Scan the records below for lines with the word "IfcDoor", then state how many you find and nothing else.

------------

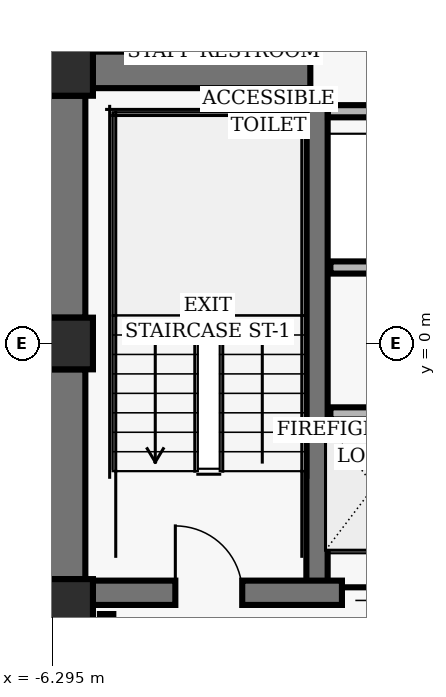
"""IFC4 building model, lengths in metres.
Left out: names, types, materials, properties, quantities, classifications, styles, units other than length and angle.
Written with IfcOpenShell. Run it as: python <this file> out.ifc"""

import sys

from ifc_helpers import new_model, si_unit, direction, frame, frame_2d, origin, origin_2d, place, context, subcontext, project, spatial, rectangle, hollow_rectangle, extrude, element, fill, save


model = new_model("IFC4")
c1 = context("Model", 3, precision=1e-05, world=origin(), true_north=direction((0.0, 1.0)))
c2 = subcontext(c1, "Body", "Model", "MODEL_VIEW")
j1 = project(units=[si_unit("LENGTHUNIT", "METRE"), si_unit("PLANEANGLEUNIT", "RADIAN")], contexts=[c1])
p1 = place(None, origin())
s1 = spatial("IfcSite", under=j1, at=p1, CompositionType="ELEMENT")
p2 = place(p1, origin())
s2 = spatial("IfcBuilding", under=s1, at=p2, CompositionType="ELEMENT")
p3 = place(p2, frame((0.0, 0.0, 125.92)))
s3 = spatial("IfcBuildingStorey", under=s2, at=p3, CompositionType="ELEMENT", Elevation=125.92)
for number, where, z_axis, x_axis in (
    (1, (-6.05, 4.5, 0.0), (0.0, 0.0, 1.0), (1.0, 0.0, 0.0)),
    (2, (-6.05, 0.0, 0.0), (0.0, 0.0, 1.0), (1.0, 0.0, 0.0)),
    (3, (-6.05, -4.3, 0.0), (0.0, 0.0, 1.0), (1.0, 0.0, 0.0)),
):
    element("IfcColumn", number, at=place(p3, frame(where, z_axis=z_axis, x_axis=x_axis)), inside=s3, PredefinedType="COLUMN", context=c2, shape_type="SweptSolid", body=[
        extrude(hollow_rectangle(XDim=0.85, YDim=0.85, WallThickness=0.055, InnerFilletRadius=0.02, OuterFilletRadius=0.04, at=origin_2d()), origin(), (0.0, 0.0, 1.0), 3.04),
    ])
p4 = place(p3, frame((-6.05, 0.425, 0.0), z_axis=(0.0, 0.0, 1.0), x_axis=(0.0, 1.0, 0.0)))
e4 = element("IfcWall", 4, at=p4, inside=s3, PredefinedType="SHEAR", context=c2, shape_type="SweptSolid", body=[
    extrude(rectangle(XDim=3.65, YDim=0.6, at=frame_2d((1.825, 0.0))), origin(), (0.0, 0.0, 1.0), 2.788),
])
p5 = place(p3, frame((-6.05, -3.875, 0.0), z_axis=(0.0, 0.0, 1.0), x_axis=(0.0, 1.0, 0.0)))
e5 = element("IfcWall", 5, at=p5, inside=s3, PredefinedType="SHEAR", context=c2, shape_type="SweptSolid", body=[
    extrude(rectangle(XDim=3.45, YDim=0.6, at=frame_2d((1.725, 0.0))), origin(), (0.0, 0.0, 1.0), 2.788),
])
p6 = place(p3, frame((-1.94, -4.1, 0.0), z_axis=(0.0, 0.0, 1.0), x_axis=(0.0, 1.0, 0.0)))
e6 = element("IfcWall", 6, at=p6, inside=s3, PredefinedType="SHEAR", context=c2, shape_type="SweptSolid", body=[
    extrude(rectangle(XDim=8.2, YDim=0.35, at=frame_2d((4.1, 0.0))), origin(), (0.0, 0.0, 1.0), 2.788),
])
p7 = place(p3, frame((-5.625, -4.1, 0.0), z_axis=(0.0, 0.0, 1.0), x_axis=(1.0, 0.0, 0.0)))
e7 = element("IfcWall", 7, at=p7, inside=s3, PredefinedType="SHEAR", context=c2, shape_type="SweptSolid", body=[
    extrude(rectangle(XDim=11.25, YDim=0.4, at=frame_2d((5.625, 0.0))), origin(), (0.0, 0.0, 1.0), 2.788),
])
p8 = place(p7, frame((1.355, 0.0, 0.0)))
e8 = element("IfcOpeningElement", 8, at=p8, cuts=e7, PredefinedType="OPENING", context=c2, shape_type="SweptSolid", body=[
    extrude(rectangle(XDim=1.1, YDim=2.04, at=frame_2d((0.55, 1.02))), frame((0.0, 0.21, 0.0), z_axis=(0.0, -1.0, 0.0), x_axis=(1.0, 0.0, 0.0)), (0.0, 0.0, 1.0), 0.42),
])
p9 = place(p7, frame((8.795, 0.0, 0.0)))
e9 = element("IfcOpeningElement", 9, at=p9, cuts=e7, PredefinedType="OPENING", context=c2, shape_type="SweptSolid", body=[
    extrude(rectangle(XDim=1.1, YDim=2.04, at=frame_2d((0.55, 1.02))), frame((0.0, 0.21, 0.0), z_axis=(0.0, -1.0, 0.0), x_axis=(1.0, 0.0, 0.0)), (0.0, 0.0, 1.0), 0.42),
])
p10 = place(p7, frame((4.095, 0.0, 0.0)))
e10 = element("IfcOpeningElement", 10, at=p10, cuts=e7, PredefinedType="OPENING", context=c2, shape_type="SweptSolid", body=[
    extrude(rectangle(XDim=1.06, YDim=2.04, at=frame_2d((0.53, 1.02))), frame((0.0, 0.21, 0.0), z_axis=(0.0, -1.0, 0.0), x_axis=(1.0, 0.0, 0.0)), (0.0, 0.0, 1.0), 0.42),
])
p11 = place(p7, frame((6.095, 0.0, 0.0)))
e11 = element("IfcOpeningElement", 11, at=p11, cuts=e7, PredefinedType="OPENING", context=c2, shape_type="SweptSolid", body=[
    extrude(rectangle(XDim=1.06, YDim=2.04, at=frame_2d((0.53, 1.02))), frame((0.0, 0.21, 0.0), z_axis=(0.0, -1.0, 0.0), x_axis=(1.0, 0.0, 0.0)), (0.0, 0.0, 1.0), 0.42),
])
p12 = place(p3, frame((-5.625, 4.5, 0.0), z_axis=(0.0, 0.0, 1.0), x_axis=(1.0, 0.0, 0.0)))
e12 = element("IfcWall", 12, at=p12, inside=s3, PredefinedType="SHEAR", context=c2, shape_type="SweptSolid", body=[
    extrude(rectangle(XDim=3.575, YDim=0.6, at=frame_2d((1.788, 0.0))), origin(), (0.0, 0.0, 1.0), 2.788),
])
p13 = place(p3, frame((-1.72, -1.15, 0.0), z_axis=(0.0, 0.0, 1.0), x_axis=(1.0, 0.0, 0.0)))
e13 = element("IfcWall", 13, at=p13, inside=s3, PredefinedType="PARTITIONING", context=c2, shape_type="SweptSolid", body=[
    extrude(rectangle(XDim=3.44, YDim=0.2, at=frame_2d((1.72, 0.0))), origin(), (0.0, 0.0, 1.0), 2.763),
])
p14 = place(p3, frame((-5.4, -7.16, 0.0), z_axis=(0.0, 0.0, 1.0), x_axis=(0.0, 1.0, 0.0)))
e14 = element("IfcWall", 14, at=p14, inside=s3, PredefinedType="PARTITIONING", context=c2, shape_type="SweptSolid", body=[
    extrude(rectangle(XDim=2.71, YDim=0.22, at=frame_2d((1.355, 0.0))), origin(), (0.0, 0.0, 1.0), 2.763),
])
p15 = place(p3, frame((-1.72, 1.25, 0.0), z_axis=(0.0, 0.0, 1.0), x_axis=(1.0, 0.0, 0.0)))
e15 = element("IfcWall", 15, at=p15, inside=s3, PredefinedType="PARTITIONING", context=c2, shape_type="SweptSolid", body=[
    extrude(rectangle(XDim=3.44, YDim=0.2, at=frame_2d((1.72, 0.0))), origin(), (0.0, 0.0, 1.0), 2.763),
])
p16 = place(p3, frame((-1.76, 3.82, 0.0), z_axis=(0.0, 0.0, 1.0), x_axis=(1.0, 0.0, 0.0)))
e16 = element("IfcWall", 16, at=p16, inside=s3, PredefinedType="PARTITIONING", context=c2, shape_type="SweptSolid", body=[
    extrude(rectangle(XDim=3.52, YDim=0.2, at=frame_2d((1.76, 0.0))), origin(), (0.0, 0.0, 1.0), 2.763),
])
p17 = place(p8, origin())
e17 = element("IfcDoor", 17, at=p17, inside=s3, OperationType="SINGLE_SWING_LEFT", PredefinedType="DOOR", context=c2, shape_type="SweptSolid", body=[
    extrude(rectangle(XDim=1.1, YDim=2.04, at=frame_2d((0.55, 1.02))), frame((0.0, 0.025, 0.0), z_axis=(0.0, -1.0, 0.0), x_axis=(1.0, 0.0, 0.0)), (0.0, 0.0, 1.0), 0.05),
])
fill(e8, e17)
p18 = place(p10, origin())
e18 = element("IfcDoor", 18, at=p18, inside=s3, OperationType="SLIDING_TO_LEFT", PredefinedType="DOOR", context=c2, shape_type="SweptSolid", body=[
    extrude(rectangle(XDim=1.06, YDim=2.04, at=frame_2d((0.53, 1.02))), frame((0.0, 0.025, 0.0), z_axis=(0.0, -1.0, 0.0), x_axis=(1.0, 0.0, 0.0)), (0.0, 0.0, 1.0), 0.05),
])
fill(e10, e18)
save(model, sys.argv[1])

------------

TASK SOLUTION:
2